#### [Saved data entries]

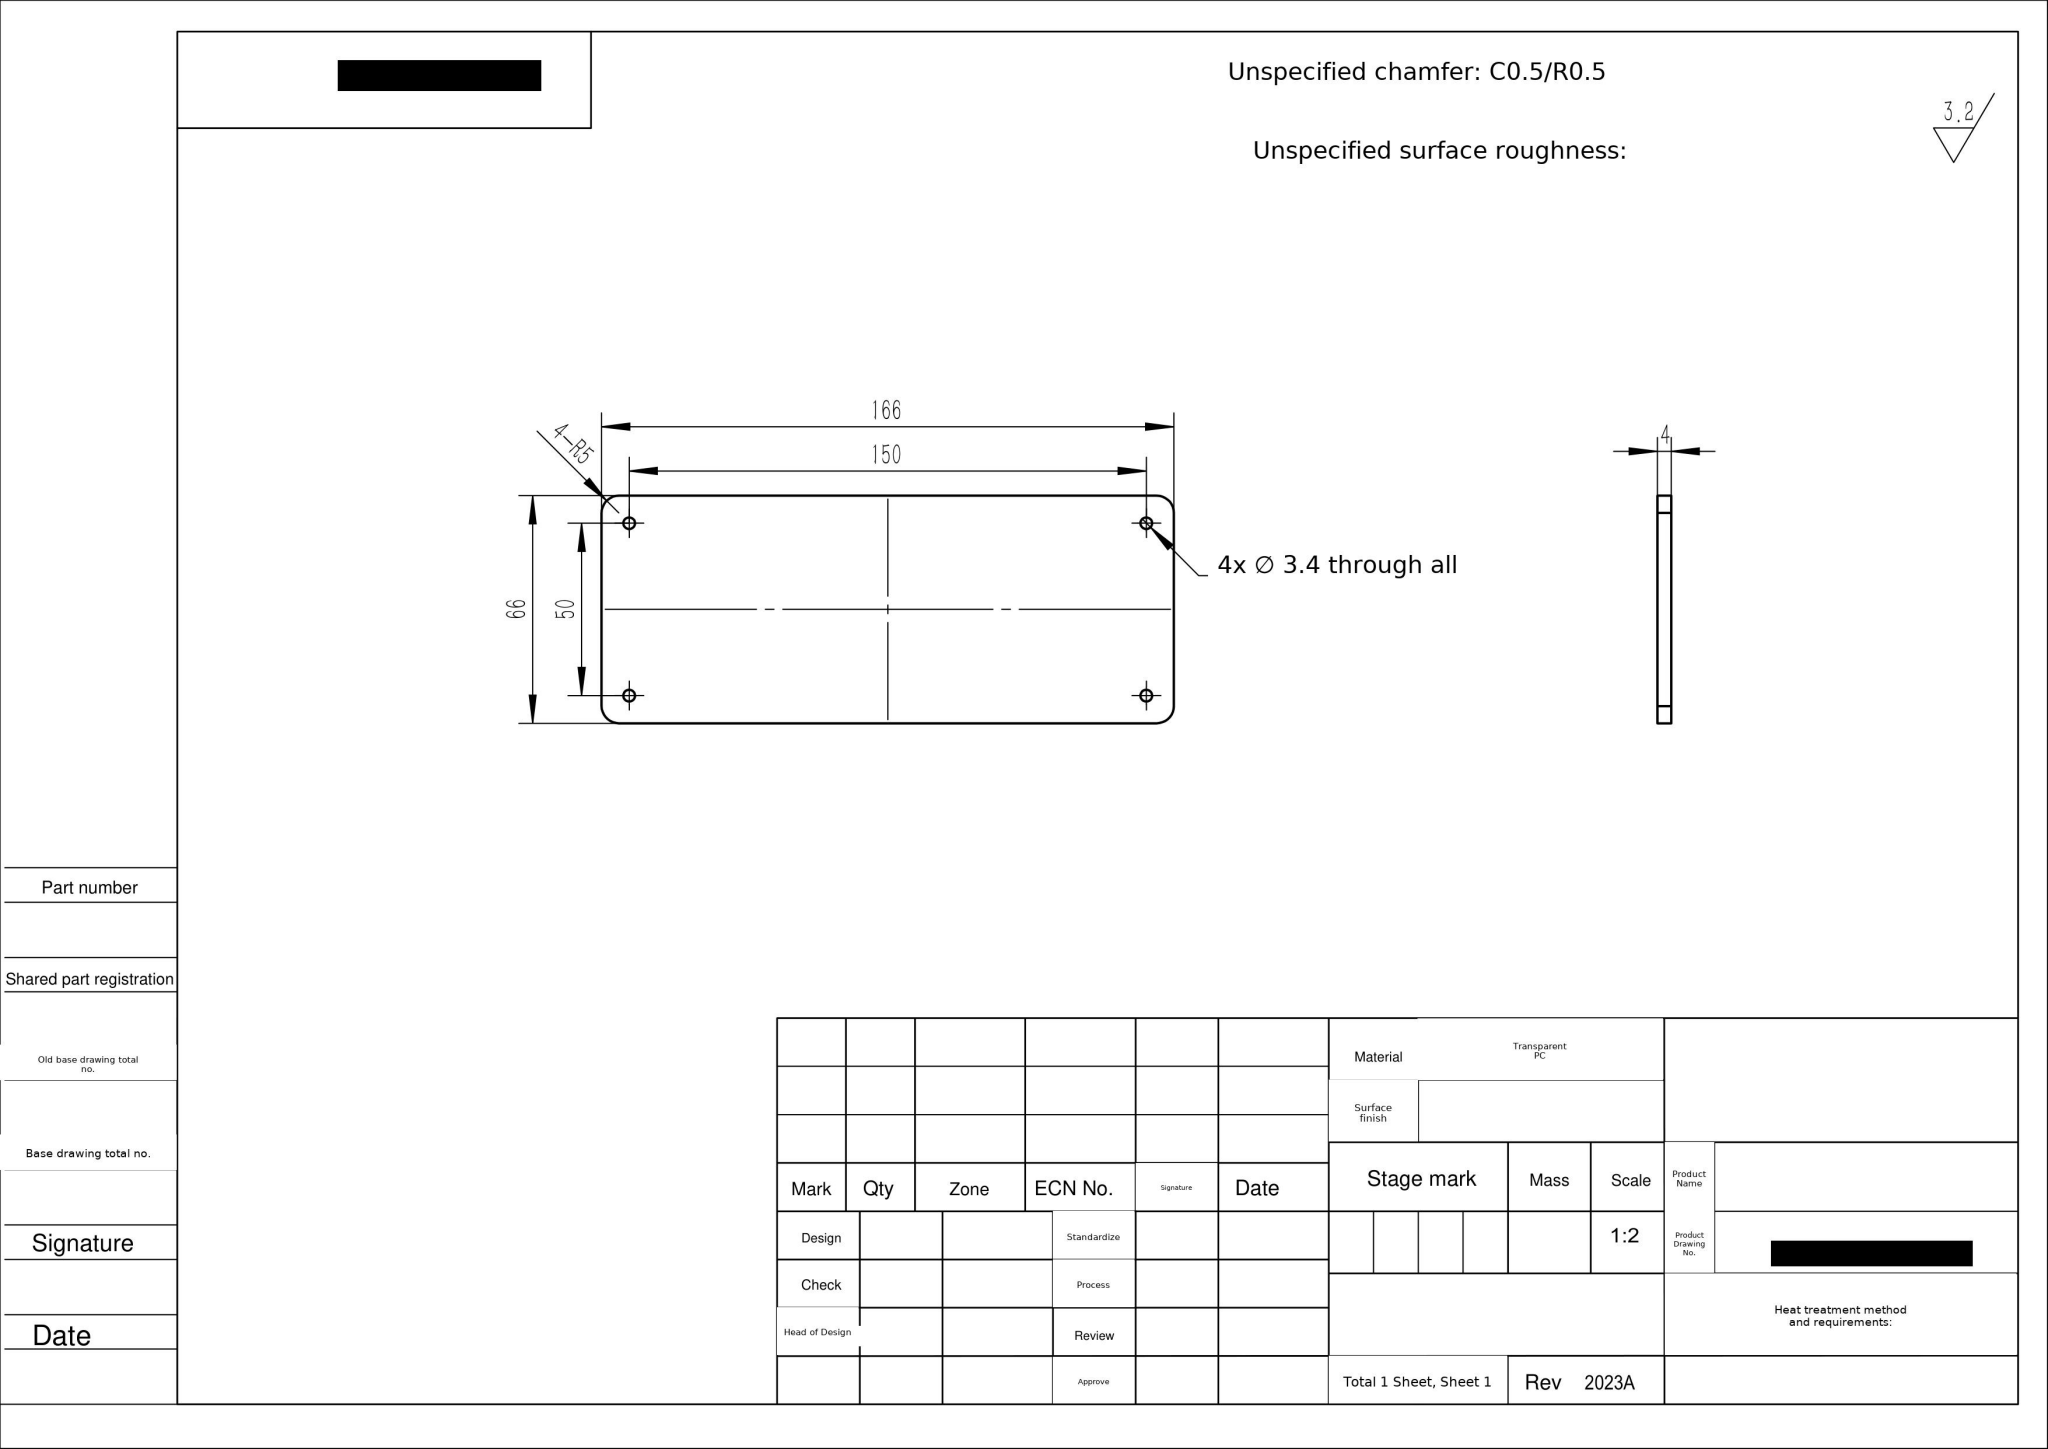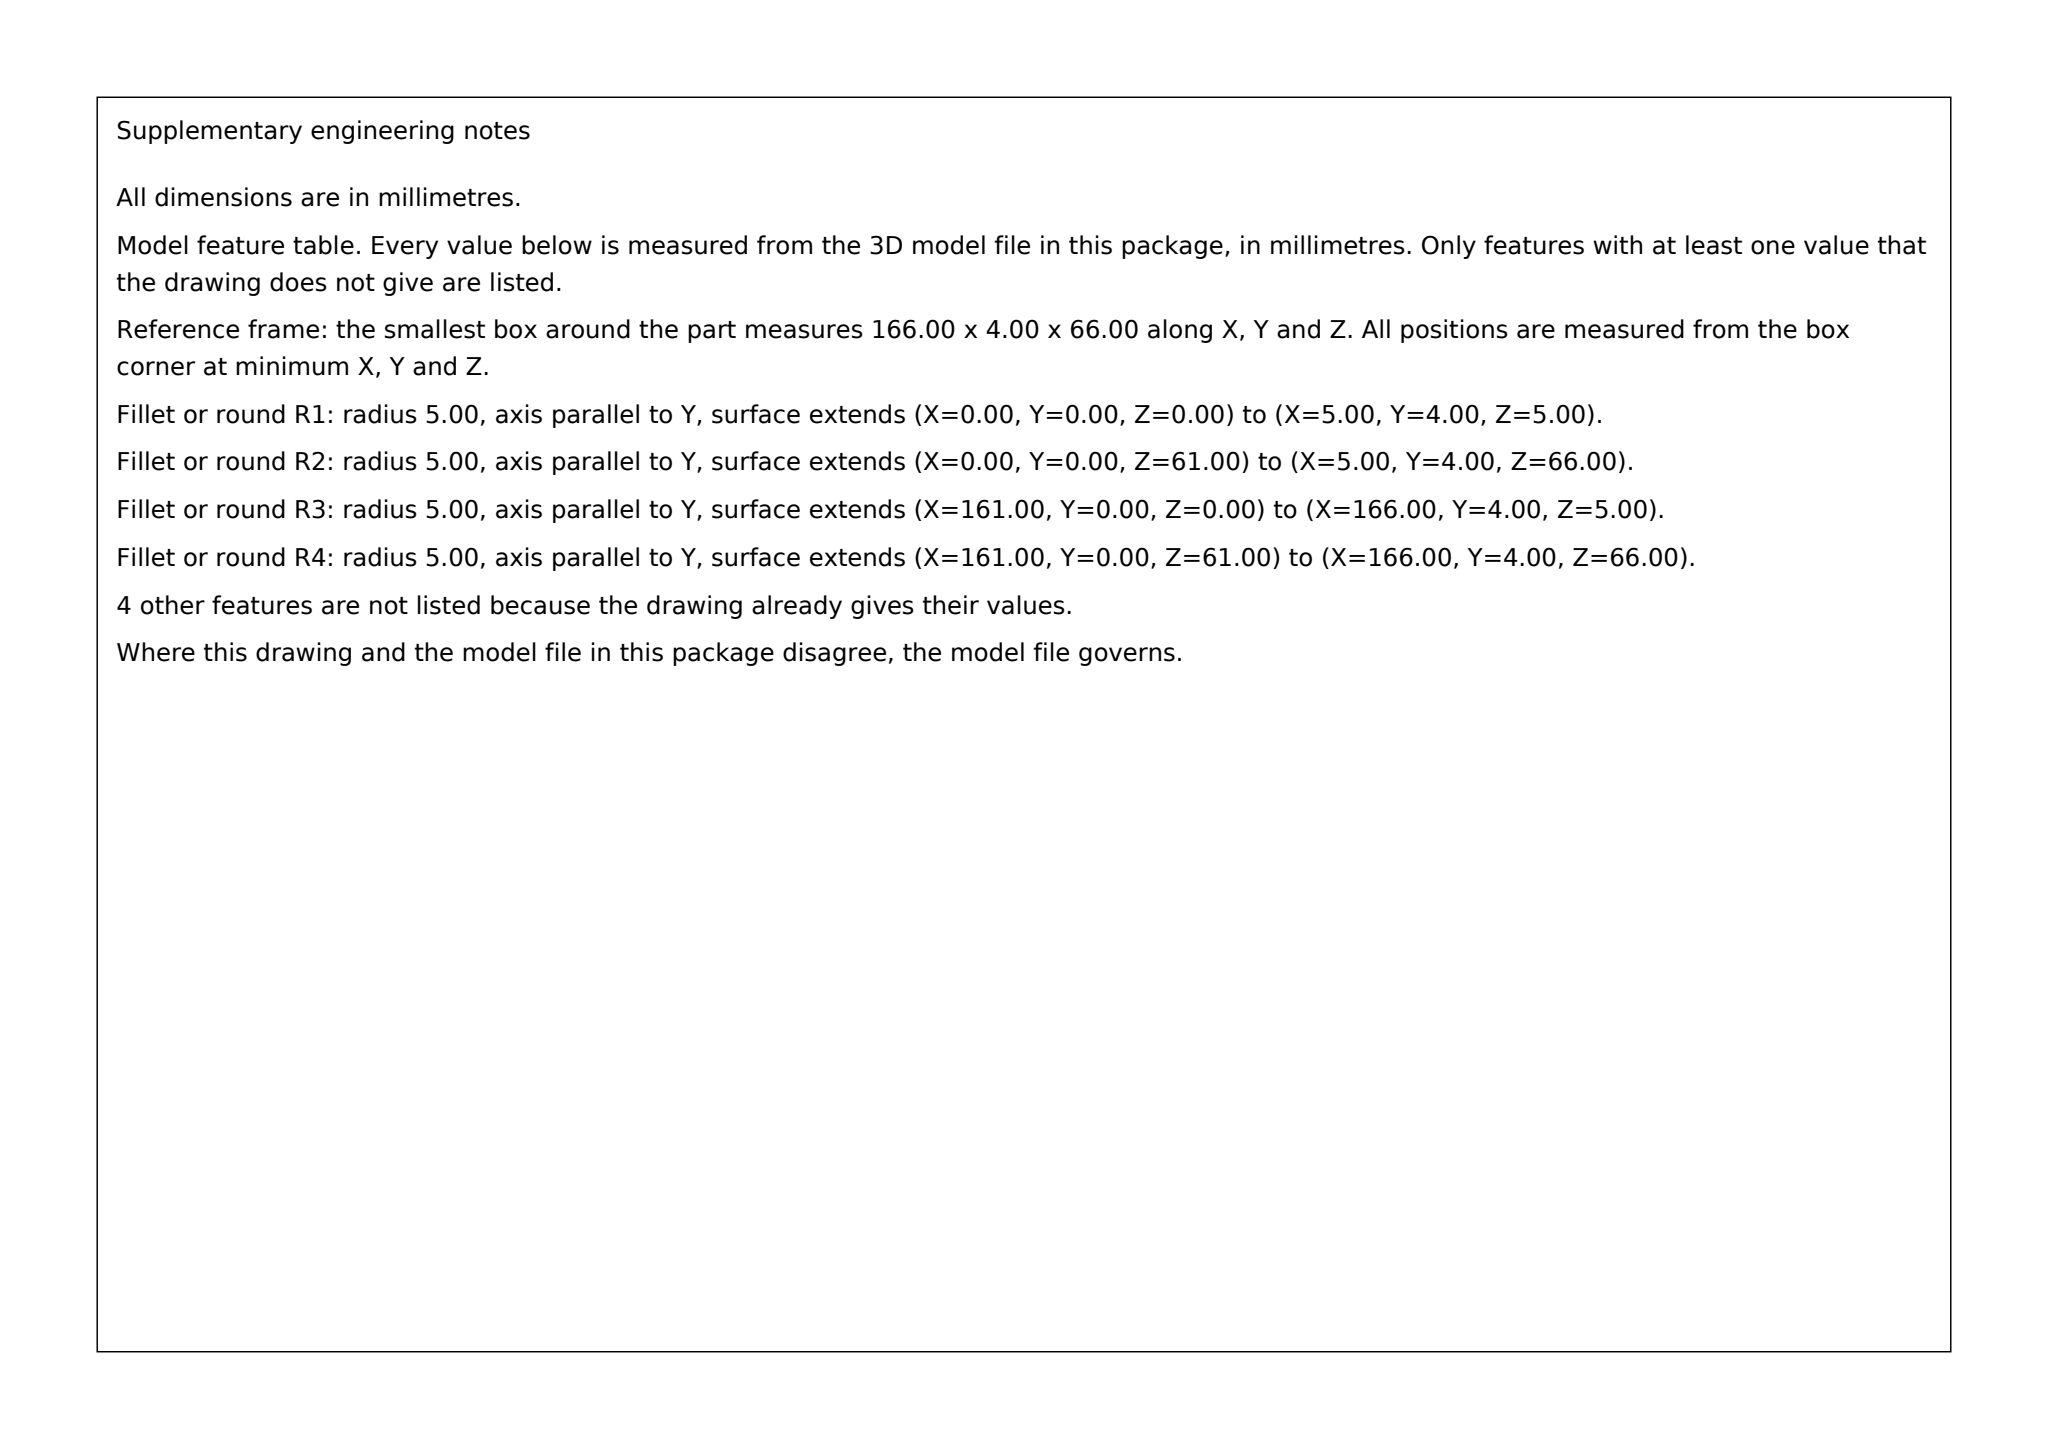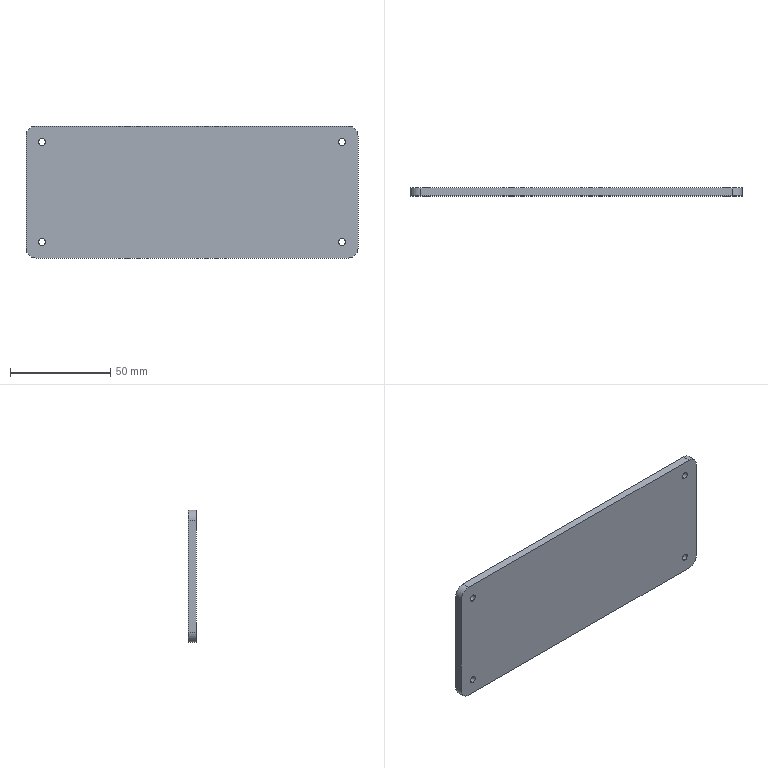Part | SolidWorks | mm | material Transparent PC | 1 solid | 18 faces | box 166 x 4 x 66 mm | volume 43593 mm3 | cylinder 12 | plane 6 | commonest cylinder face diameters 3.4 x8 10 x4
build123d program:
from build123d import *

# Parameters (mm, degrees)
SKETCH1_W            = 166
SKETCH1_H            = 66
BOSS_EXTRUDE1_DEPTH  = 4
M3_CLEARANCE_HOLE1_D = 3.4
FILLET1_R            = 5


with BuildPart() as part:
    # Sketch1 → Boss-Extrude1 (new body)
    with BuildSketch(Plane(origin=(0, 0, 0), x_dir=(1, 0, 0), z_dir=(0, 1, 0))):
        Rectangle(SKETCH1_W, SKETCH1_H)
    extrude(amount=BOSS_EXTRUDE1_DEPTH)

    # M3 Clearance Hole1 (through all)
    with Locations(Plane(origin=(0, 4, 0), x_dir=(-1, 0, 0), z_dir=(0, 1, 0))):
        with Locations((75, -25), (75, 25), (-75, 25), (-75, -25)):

#### [The problem]
Which of the lines above hold the word "Locations"? Copy each one.

#### [Result of the exercise]
    with Locations(Plane(origin=(0, 4, 0), x_dir=(-1, 0, 0), z_dir=(0, 1, 0))):
        with Locations((75, -25), (75, 25), (-75, 25), (-75, -25)):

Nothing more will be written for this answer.